(Records from a collection)

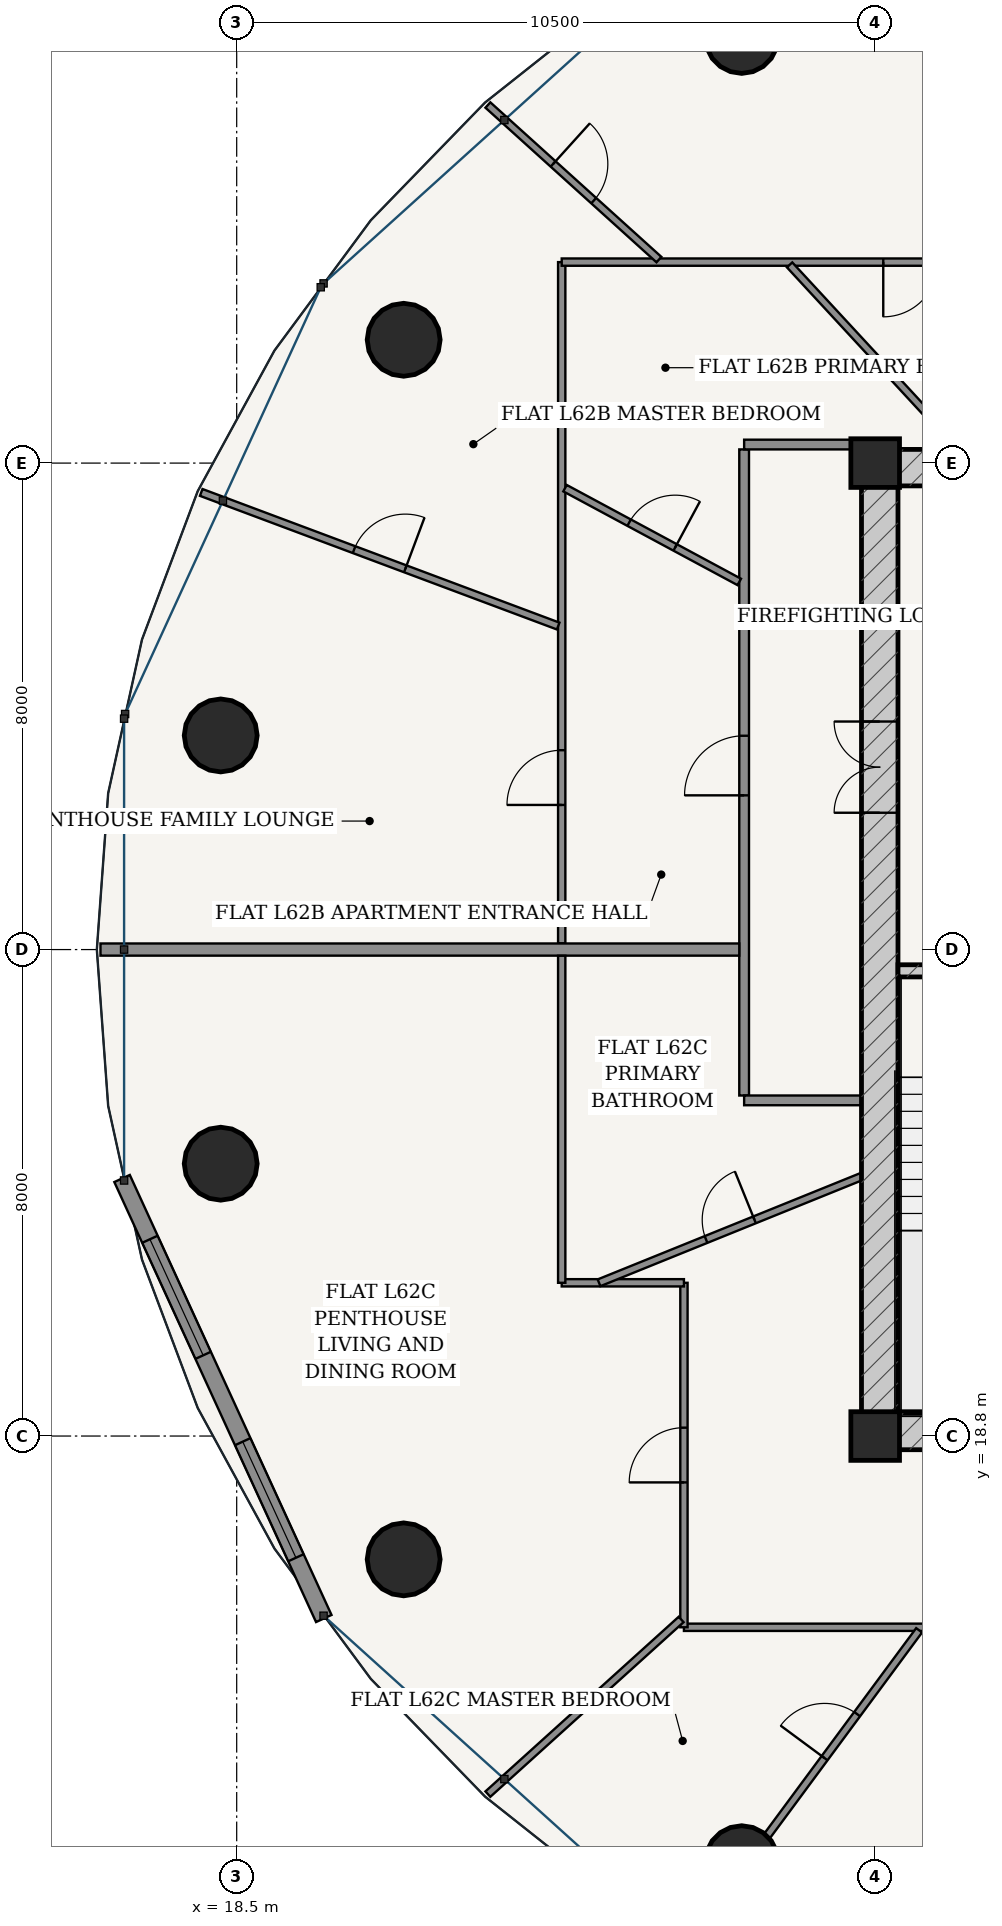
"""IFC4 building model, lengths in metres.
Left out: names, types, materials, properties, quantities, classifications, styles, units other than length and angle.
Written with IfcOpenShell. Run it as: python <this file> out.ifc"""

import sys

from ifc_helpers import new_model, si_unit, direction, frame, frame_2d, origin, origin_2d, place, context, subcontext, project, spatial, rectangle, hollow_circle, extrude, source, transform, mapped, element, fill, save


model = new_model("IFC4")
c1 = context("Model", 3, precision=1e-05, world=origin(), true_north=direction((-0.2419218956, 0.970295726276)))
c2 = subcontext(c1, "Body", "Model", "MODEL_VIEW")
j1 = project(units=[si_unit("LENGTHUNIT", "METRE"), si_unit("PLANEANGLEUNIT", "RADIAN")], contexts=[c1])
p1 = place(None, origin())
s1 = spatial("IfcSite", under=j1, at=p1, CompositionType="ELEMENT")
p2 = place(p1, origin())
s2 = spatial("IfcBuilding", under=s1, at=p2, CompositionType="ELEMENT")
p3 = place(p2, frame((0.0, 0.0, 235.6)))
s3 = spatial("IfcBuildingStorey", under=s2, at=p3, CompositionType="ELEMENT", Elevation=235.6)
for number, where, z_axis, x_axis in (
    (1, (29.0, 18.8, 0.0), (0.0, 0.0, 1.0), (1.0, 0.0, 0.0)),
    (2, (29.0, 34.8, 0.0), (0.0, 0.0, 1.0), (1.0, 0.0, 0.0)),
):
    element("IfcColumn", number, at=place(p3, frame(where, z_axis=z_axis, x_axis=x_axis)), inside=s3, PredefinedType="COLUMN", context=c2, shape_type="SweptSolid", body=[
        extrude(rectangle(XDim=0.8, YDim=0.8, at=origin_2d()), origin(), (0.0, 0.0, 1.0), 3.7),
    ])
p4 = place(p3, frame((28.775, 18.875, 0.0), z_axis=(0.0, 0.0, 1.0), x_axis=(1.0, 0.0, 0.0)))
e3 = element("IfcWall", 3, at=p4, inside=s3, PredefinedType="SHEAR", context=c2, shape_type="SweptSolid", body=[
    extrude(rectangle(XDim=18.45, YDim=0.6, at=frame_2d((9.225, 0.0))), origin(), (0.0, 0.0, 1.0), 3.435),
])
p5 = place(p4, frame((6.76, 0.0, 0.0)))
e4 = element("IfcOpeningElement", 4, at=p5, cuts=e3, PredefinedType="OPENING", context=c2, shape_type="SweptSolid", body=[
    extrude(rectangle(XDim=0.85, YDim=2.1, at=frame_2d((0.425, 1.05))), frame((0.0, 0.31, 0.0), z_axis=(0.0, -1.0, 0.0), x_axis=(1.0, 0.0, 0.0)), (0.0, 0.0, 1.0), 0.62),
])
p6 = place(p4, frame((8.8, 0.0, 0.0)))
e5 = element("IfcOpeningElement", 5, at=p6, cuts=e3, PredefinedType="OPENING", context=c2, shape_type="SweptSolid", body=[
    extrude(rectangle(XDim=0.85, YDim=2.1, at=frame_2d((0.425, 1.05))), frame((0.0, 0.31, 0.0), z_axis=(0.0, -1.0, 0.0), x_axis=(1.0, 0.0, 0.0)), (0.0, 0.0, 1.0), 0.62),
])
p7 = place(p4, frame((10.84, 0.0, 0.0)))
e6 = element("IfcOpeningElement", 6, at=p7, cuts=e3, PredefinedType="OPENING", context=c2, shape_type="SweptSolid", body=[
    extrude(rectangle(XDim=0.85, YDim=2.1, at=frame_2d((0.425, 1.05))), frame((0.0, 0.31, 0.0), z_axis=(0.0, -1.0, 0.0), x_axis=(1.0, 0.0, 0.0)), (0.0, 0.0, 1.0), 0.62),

YOUR OBJECTIVE
Leave the pictures out and reproduce every record above exactly.

RESPONSE FOR THIS EXERCISE
"""IFC4 building model, lengths in metres.
Left out: names, types, materials, properties, quantities, classifications, styles, units other than length and angle.
Written with IfcOpenShell. Run it as: python <this file> out.ifc"""

import sys

from ifc_helpers import new_model, si_unit, direction, frame, frame_2d, origin, origin_2d, place, context, subcontext, project, spatial, rectangle, hollow_circle, extrude, source, transform, mapped, element, fill, save


model = new_model("IFC4")
c1 = context("Model", 3, precision=1e-05, world=origin(), true_north=direction((-0.2419218956, 0.970295726276)))
c2 = subcontext(c1, "Body", "Model", "MODEL_VIEW")
j1 = project(units=[si_unit("LENGTHUNIT", "METRE"), si_unit("PLANEANGLEUNIT", "RADIAN")], contexts=[c1])
p1 = place(None, origin())
s1 = spatial("IfcSite", under=j1, at=p1, CompositionType="ELEMENT")
p2 = place(p1, origin())
s2 = spatial("IfcBuilding", under=s1, at=p2, CompositionType="ELEMENT")
p3 = place(p2, frame((0.0, 0.0, 235.6)))
s3 = spatial("IfcBuildingStorey", under=s2, at=p3, CompositionType="ELEMENT", Elevation=235.6)
for number, where, z_axis, x_axis in (
    (1, (29.0, 18.8, 0.0), (0.0, 0.0, 1.0), (1.0, 0.0, 0.0)),
    (2, (29.0, 34.8, 0.0), (0.0, 0.0, 1.0), (1.0, 0.0, 0.0)),
):
    element("IfcColumn", number, at=place(p3, frame(where, z_axis=z_axis, x_axis=x_axis)), inside=s3, PredefinedType="COLUMN", context=c2, shape_type="SweptSolid", body=[
        extrude(rectangle(XDim=0.8, YDim=0.8, at=origin_2d()), origin(), (0.0, 0.0, 1.0), 3.7),
    ])
p4 = place(p3, frame((28.775, 18.875, 0.0), z_axis=(0.0, 0.0, 1.0), x_axis=(1.0, 0.0, 0.0)))
e3 = element("IfcWall", 3, at=p4, inside=s3, PredefinedType="SHEAR", context=c2, shape_type="SweptSolid", body=[
    extrude(rectangle(XDim=18.45, YDim=0.6, at=frame_2d((9.225, 0.0))), origin(), (0.0, 0.0, 1.0), 3.435),
])
p5 = place(p4, frame((6.76, 0.0, 0.0)))
e4 = element("IfcOpeningElement", 4, at=p5, cuts=e3, PredefinedType="OPENING", context=c2, shape_type="SweptSolid", body=[
    extrude(rectangle(XDim=0.85, YDim=2.1, at=frame_2d((0.425, 1.05))), frame((0.0, 0.31, 0.0), z_axis=(0.0, -1.0, 0.0), x_axis=(1.0, 0.0, 0.0)), (0.0, 0.0, 1.0), 0.62),
])
p6 = place(p4, frame((8.8, 0.0, 0.0)))
e5 = element("IfcOpeningElement", 5, at=p6, cuts=e3, PredefinedType="OPENING", context=c2, shape_type="SweptSolid", body=[
    extrude(rectangle(XDim=0.85, YDim=2.1, at=frame_2d((0.425, 1.05))), frame((0.0, 0.31, 0.0), z_axis=(0.0, -1.0, 0.0), x_axis=(1.0, 0.0, 0.0)), (0.0, 0.0, 1.0), 0.62),
])
p7 = place(p4, frame((10.84, 0.0, 0.0)))
e6 = element("IfcOpeningElement", 6, at=p7, cuts=e3, PredefinedType="OPENING", context=c2, shape_type="SweptSolid", body=[
    extrude(rectangle(XDim=0.85, YDim=2.1, at=frame_2d((0.425, 1.05))), frame((0.0, 0.31, 0.0), z_axis=(0.0, -1.0, 0.0), x_axis=(1.0, 0.0, 0.0)), (0.0, 0.0, 1.0), 0.62),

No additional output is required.